__What is needed__
Reproduced exactly, the lines from the start of the material through the line containing "p5 = place(p4, frame((0.45, 0.0, 0.45)))" should be the whole answer, with pictures excluded.

Data supplied Block Start

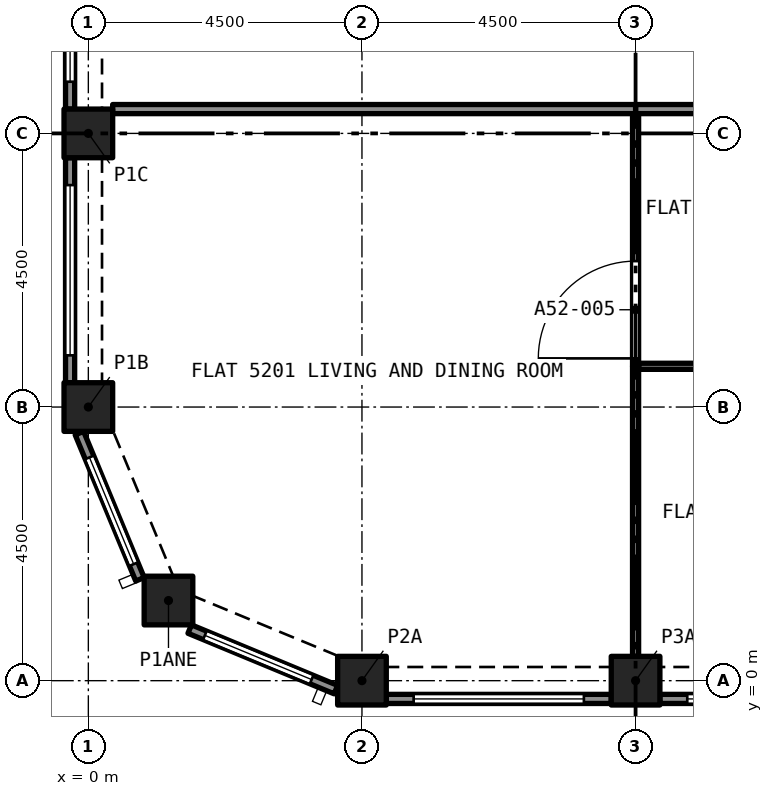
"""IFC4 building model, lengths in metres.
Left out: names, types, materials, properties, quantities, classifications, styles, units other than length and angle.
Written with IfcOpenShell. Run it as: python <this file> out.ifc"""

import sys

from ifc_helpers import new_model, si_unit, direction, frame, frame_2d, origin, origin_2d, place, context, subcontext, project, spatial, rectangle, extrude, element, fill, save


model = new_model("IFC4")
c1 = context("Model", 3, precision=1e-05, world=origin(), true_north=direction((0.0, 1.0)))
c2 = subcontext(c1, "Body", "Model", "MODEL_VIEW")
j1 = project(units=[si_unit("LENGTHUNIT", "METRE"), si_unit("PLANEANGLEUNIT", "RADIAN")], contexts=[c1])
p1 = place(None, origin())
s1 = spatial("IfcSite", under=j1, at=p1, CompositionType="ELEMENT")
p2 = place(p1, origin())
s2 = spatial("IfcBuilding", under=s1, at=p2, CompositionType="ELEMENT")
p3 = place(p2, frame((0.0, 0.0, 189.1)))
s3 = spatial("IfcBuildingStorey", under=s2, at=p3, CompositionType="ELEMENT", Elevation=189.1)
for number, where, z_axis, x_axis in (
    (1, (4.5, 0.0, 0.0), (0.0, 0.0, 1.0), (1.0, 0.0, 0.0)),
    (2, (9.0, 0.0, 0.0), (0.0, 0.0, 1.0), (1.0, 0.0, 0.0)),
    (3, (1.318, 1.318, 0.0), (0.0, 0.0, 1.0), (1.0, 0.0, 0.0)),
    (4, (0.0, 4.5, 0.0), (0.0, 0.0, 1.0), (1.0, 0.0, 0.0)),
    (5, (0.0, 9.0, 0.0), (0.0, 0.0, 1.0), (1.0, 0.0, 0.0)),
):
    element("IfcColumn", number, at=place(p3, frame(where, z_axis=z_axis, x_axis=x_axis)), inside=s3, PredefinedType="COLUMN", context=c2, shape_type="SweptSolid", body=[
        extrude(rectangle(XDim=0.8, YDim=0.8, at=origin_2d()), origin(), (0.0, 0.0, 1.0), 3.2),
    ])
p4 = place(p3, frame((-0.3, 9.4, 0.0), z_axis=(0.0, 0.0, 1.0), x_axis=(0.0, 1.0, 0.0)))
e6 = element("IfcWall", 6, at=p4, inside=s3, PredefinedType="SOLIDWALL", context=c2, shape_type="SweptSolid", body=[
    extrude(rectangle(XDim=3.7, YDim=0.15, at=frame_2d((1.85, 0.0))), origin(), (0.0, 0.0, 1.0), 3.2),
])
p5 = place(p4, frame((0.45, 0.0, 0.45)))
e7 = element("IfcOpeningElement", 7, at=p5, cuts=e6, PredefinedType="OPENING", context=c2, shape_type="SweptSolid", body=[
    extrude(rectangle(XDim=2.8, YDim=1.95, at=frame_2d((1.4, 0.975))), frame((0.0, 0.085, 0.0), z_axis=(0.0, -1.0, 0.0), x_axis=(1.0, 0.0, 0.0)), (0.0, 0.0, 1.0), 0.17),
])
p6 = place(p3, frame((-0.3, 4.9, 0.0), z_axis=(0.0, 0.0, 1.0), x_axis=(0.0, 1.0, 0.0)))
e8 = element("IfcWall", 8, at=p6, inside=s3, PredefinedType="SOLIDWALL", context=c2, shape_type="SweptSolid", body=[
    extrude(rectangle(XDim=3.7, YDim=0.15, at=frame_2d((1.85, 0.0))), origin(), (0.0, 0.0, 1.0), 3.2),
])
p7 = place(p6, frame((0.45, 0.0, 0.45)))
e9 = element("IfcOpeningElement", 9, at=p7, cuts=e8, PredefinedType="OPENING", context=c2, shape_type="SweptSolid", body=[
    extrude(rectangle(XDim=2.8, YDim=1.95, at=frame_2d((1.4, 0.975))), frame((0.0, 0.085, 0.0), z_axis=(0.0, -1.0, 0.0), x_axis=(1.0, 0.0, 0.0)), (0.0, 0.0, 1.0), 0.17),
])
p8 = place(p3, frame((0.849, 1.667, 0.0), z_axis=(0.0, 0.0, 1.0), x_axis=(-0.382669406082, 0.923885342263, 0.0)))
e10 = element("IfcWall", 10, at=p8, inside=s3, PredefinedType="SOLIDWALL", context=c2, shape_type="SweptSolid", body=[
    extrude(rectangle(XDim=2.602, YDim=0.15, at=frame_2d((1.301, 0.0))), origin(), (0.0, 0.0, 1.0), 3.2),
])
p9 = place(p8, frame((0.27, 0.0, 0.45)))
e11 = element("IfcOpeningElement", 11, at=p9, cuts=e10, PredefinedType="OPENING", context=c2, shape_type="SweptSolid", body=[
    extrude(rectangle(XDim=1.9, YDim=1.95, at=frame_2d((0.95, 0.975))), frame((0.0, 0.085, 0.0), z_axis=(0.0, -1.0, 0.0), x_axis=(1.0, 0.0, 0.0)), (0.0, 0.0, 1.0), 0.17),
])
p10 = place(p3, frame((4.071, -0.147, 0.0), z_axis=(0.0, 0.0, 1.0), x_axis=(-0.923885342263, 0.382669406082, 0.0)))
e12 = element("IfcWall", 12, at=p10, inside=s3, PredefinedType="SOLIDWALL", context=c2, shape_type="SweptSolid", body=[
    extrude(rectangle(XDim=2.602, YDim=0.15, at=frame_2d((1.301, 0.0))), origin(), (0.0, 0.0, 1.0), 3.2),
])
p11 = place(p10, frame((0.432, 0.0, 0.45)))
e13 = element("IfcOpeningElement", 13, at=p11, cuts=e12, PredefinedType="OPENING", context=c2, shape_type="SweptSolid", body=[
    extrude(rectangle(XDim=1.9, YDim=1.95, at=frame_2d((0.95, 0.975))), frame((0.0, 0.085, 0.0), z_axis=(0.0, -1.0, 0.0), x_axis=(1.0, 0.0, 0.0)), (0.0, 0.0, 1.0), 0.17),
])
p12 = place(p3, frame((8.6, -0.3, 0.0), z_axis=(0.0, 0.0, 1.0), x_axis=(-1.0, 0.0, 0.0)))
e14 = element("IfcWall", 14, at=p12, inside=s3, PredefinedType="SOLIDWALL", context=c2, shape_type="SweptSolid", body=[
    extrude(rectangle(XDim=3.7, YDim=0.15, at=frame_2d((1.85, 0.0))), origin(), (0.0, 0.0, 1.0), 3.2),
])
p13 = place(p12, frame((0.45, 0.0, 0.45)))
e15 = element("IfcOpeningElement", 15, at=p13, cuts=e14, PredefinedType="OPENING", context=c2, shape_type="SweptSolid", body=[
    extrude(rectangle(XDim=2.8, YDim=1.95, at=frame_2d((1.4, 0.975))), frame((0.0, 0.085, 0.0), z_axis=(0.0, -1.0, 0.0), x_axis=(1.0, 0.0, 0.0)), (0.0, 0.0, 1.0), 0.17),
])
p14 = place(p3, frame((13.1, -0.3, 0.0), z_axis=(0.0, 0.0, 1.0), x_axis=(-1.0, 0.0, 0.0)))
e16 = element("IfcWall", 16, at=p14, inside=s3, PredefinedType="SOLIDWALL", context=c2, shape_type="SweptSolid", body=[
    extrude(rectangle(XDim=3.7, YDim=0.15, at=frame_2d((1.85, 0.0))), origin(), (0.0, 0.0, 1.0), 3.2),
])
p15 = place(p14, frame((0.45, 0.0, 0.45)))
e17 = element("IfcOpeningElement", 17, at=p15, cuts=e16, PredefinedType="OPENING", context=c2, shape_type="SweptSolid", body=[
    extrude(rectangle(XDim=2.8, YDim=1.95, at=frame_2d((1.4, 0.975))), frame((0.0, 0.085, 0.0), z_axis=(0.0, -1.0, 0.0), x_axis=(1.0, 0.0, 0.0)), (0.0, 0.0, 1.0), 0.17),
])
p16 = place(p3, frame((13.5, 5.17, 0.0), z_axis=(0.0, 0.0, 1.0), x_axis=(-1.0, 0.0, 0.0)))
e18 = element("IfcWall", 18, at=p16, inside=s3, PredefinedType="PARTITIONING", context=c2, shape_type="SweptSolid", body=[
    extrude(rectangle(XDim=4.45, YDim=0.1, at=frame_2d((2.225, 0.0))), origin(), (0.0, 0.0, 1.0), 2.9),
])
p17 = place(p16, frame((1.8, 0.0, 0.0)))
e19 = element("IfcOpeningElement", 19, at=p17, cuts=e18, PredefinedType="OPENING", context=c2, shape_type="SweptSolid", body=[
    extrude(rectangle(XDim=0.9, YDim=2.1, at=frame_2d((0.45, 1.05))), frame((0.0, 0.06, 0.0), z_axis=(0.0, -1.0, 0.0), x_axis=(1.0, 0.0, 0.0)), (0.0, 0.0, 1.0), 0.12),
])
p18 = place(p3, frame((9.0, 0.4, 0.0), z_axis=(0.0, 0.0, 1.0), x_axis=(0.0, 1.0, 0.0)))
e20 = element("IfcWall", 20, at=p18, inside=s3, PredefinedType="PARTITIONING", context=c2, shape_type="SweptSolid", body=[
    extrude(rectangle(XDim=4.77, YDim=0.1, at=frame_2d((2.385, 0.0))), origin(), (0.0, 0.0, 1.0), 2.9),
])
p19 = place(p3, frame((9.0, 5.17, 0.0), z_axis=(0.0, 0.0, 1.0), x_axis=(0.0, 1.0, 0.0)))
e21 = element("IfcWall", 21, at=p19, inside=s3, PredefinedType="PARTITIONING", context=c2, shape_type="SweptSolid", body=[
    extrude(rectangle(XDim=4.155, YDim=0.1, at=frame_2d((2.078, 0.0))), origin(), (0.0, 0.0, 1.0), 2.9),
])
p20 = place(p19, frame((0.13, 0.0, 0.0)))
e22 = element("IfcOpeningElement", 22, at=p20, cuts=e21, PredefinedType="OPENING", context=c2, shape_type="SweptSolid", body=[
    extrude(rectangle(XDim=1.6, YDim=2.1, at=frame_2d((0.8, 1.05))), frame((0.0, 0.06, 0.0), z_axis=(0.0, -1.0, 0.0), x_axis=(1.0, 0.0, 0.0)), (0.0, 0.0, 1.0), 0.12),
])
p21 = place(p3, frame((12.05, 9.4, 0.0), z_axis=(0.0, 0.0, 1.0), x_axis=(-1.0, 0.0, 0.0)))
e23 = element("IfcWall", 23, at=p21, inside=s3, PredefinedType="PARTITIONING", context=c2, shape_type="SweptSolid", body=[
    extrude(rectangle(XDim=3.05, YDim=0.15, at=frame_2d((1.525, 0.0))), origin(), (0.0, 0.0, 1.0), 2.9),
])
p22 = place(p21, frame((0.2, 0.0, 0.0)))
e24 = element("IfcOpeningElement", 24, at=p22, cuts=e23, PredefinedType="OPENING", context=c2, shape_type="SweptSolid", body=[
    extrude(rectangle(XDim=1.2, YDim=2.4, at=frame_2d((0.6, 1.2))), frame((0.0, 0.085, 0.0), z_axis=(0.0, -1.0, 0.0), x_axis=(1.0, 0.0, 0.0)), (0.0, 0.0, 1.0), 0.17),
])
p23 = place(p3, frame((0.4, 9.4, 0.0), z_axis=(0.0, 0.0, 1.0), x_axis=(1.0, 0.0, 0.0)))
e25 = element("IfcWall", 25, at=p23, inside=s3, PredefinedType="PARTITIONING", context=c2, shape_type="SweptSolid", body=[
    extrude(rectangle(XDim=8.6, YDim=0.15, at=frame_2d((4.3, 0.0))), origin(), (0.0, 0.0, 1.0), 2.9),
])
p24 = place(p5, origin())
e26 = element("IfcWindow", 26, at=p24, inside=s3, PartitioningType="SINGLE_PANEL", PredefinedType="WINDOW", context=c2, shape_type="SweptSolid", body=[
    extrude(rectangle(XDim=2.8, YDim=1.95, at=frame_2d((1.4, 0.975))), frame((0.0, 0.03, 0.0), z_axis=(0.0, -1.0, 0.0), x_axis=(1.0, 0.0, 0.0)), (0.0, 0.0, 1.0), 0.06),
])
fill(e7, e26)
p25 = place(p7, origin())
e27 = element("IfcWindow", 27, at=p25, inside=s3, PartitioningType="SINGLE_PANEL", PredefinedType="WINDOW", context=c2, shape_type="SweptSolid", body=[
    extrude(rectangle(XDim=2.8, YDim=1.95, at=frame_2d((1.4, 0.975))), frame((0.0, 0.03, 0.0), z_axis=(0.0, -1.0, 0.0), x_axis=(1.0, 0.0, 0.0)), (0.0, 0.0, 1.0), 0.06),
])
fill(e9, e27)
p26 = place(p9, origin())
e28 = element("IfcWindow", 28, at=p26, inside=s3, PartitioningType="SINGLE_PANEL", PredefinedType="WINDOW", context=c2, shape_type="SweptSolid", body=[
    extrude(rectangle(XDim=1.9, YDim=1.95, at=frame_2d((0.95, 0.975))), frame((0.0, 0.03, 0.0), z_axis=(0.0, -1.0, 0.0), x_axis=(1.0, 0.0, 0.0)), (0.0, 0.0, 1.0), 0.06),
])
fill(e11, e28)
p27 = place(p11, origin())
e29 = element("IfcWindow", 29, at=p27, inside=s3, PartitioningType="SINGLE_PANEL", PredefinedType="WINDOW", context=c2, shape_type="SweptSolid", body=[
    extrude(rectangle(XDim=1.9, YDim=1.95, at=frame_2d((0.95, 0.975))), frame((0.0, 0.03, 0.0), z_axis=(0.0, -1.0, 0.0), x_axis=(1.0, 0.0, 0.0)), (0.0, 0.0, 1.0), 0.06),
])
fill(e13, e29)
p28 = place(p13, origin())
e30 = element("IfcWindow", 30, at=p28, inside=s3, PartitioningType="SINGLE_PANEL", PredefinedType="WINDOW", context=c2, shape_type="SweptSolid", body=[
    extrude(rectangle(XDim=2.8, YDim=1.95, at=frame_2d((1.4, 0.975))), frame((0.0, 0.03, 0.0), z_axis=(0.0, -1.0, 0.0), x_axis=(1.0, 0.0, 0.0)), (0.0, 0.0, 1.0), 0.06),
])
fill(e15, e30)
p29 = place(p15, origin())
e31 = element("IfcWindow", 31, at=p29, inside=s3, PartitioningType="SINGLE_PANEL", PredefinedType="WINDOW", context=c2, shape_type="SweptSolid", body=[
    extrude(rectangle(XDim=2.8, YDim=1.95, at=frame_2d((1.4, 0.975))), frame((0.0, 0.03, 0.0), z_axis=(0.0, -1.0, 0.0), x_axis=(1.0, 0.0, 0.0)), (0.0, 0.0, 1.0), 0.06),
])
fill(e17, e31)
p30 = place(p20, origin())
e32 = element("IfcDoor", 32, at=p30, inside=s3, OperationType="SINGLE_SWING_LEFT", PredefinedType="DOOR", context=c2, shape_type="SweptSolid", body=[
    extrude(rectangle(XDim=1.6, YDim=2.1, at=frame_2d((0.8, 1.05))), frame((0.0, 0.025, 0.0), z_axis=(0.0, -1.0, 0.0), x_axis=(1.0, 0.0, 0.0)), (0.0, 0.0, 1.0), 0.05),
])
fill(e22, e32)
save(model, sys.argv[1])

Data supplied Block End

__Answer to the problem__
"""IFC4 building model, lengths in metres.
Left out: names, types, materials, properties, quantities, classifications, styles, units other than length and angle.
Written with IfcOpenShell. Run it as: python <this file> out.ifc"""

import sys

from ifc_helpers import new_model, si_unit, direction, frame, frame_2d, origin, origin_2d, place, context, subcontext, project, spatial, rectangle, extrude, element, fill, save


model = new_model("IFC4")
c1 = context("Model", 3, precision=1e-05, world=origin(), true_north=direction((0.0, 1.0)))
c2 = subcontext(c1, "Body", "Model", "MODEL_VIEW")
j1 = project(units=[si_unit("LENGTHUNIT", "METRE"), si_unit("PLANEANGLEUNIT", "RADIAN")], contexts=[c1])
p1 = place(None, origin())
s1 = spatial("IfcSite", under=j1, at=p1, CompositionType="ELEMENT")
p2 = place(p1, origin())
s2 = spatial("IfcBuilding", under=s1, at=p2, CompositionType="ELEMENT")
p3 = place(p2, frame((0.0, 0.0, 189.1)))
s3 = spatial("IfcBuildingStorey", under=s2, at=p3, CompositionType="ELEMENT", Elevation=189.1)
for number, where, z_axis, x_axis in (
    (1, (4.5, 0.0, 0.0), (0.0, 0.0, 1.0), (1.0, 0.0, 0.0)),
    (2, (9.0, 0.0, 0.0), (0.0, 0.0, 1.0), (1.0, 0.0, 0.0)),
    (3, (1.318, 1.318, 0.0), (0.0, 0.0, 1.0), (1.0, 0.0, 0.0)),
    (4, (0.0, 4.5, 0.0), (0.0, 0.0, 1.0), (1.0, 0.0, 0.0)),
    (5, (0.0, 9.0, 0.0), (0.0, 0.0, 1.0), (1.0, 0.0, 0.0)),
):
    element("IfcColumn", number, at=place(p3, frame(where, z_axis=z_axis, x_axis=x_axis)), inside=s3, PredefinedType="COLUMN", context=c2, shape_type="SweptSolid", body=[
        extrude(rectangle(XDim=0.8, YDim=0.8, at=origin_2d()), origin(), (0.0, 0.0, 1.0), 3.2),
    ])
p4 = place(p3, frame((-0.3, 9.4, 0.0), z_axis=(0.0, 0.0, 1.0), x_axis=(0.0, 1.0, 0.0)))
e6 = element("IfcWall", 6, at=p4, inside=s3, PredefinedType="SOLIDWALL", context=c2, shape_type="SweptSolid", body=[
    extrude(rectangle(XDim=3.7, YDim=0.15, at=frame_2d((1.85, 0.0))), origin(), (0.0, 0.0, 1.0), 3.2),
])
p5 = place(p4, frame((0.45, 0.0, 0.45)))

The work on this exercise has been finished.